» **About this task**
Retype the records below from their first line through the line containing "0.0), z_axis=(0.0, 0.0, 1.0), x_axis=(1.0, 0.0, 0.0)))", and include nothing else.

Stored data entries:
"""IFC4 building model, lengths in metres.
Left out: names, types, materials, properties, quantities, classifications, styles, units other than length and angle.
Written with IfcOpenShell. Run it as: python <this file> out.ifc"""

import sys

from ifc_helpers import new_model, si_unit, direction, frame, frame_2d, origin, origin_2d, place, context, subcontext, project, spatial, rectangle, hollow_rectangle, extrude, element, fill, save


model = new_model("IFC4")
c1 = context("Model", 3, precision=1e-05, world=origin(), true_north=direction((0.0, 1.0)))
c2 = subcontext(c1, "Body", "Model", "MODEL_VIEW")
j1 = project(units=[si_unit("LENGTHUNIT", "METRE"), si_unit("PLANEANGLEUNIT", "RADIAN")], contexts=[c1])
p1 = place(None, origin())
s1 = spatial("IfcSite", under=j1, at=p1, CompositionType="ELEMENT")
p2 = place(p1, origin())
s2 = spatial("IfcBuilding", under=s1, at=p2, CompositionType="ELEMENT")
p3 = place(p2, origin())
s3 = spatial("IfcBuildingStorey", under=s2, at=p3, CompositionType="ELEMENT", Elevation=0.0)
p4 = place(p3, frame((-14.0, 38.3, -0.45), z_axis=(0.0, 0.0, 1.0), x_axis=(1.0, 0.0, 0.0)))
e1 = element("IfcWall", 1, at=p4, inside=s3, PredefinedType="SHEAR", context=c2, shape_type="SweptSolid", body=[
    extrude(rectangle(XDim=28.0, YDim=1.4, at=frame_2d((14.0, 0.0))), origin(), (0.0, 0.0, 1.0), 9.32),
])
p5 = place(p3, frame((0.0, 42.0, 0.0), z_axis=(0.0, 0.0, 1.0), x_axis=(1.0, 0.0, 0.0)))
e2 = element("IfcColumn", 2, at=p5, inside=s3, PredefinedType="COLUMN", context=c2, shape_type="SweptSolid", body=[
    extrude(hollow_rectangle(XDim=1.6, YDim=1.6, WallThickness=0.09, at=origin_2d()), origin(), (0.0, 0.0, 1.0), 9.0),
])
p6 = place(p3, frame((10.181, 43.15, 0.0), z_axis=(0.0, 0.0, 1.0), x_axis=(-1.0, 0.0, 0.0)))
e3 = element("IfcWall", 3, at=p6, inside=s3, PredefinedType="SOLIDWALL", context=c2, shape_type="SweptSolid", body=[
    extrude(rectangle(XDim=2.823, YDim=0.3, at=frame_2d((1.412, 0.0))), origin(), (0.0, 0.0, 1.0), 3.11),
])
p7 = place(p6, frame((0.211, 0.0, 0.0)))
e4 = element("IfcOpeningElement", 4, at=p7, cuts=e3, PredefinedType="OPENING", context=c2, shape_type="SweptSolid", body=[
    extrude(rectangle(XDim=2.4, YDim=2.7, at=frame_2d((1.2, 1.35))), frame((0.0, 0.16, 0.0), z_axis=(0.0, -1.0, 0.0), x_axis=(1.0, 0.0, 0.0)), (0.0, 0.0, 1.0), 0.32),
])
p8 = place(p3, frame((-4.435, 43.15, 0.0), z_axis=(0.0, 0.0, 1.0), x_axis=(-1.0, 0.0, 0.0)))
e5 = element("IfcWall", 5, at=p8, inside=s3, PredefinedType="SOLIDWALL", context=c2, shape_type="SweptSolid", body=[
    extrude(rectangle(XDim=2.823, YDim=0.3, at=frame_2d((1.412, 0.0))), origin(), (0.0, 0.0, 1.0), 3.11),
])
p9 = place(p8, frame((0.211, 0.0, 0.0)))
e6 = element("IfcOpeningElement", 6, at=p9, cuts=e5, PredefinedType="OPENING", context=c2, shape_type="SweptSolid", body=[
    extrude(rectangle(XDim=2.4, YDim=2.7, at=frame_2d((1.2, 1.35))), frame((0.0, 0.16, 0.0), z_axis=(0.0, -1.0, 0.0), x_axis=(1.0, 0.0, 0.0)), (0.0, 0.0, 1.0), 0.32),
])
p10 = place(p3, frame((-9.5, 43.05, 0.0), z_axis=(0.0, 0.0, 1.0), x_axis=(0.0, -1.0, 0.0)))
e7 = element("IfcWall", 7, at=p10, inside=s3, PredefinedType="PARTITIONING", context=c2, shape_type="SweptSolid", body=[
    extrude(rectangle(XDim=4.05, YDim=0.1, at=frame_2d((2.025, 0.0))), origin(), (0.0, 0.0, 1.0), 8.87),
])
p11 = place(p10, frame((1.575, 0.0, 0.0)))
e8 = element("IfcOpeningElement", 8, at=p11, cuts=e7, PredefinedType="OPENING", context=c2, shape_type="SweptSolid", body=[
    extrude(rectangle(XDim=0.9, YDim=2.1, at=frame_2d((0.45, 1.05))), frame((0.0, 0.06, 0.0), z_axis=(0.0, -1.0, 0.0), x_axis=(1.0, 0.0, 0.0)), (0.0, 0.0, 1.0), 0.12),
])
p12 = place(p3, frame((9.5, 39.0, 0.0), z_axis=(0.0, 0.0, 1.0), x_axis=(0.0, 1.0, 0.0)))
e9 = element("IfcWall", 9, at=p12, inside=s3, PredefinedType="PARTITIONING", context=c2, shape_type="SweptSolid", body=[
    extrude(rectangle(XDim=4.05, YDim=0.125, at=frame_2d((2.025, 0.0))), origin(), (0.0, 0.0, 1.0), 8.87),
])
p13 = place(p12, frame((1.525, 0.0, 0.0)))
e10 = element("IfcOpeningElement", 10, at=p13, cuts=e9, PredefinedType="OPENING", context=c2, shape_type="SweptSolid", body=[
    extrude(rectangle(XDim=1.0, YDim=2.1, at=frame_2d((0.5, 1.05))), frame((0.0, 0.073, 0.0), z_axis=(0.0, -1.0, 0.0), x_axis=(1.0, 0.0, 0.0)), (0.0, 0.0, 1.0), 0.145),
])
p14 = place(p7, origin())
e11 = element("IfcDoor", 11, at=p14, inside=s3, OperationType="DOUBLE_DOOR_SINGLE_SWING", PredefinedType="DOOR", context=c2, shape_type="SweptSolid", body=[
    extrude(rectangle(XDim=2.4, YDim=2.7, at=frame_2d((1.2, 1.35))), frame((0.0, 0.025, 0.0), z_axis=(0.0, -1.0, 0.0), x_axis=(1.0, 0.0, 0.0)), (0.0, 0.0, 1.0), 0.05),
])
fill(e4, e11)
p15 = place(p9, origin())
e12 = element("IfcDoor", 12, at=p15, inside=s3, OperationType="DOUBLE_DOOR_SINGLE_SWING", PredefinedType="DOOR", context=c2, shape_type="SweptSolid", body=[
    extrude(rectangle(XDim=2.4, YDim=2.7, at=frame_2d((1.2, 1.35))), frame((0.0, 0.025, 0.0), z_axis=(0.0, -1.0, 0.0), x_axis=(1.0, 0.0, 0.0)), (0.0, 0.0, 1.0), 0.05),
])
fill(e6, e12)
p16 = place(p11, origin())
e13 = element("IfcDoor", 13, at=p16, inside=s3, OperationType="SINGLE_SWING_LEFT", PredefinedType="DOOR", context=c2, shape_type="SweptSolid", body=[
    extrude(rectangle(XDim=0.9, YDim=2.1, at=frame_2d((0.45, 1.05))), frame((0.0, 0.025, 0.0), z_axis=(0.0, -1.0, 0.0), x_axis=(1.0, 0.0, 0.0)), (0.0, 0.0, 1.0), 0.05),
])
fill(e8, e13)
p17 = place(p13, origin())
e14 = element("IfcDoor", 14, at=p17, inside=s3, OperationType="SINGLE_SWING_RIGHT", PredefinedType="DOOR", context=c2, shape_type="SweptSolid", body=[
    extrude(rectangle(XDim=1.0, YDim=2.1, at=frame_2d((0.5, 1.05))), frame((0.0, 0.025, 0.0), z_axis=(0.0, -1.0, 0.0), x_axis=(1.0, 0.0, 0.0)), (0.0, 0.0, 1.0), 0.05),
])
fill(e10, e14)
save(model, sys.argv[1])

» **Answer to the exercise**
"""IFC4 building model, lengths in metres.
Left out: names, types, materials, properties, quantities, classifications, styles, units other than length and angle.
Written with IfcOpenShell. Run it as: python <this file> out.ifc"""

import sys

from ifc_helpers import new_model, si_unit, direction, frame, frame_2d, origin, origin_2d, place, context, subcontext, project, spatial, rectangle, hollow_rectangle, extrude, element, fill, save


model = new_model("IFC4")
c1 = context("Model", 3, precision=1e-05, world=origin(), true_north=direction((0.0, 1.0)))
c2 = subcontext(c1, "Body", "Model", "MODEL_VIEW")
j1 = project(units=[si_unit("LENGTHUNIT", "METRE"), si_unit("PLANEANGLEUNIT", "RADIAN")], contexts=[c1])
p1 = place(None, origin())
s1 = spatial("IfcSite", under=j1, at=p1, CompositionType="ELEMENT")
p2 = place(p1, origin())
s2 = spatial("IfcBuilding", under=s1, at=p2, CompositionType="ELEMENT")
p3 = place(p2, origin())
s3 = spatial("IfcBuildingStorey", under=s2, at=p3, CompositionType="ELEMENT", Elevation=0.0)
p4 = place(p3, frame((-14.0, 38.3, -0.45), z_axis=(0.0, 0.0, 1.0), x_axis=(1.0, 0.0, 0.0)))
e1 = element("IfcWall", 1, at=p4, inside=s3, PredefinedType="SHEAR", context=c2, shape_type="SweptSolid", body=[
    extrude(rectangle(XDim=28.0, YDim=1.4, at=frame_2d((14.0, 0.0))), origin(), (0.0, 0.0, 1.0), 9.32),
])
p5 = place(p3, frame((0.0, 42.0, 0.0), z_axis=(0.0, 0.0, 1.0), x_axis=(1.0, 0.0, 0.0)))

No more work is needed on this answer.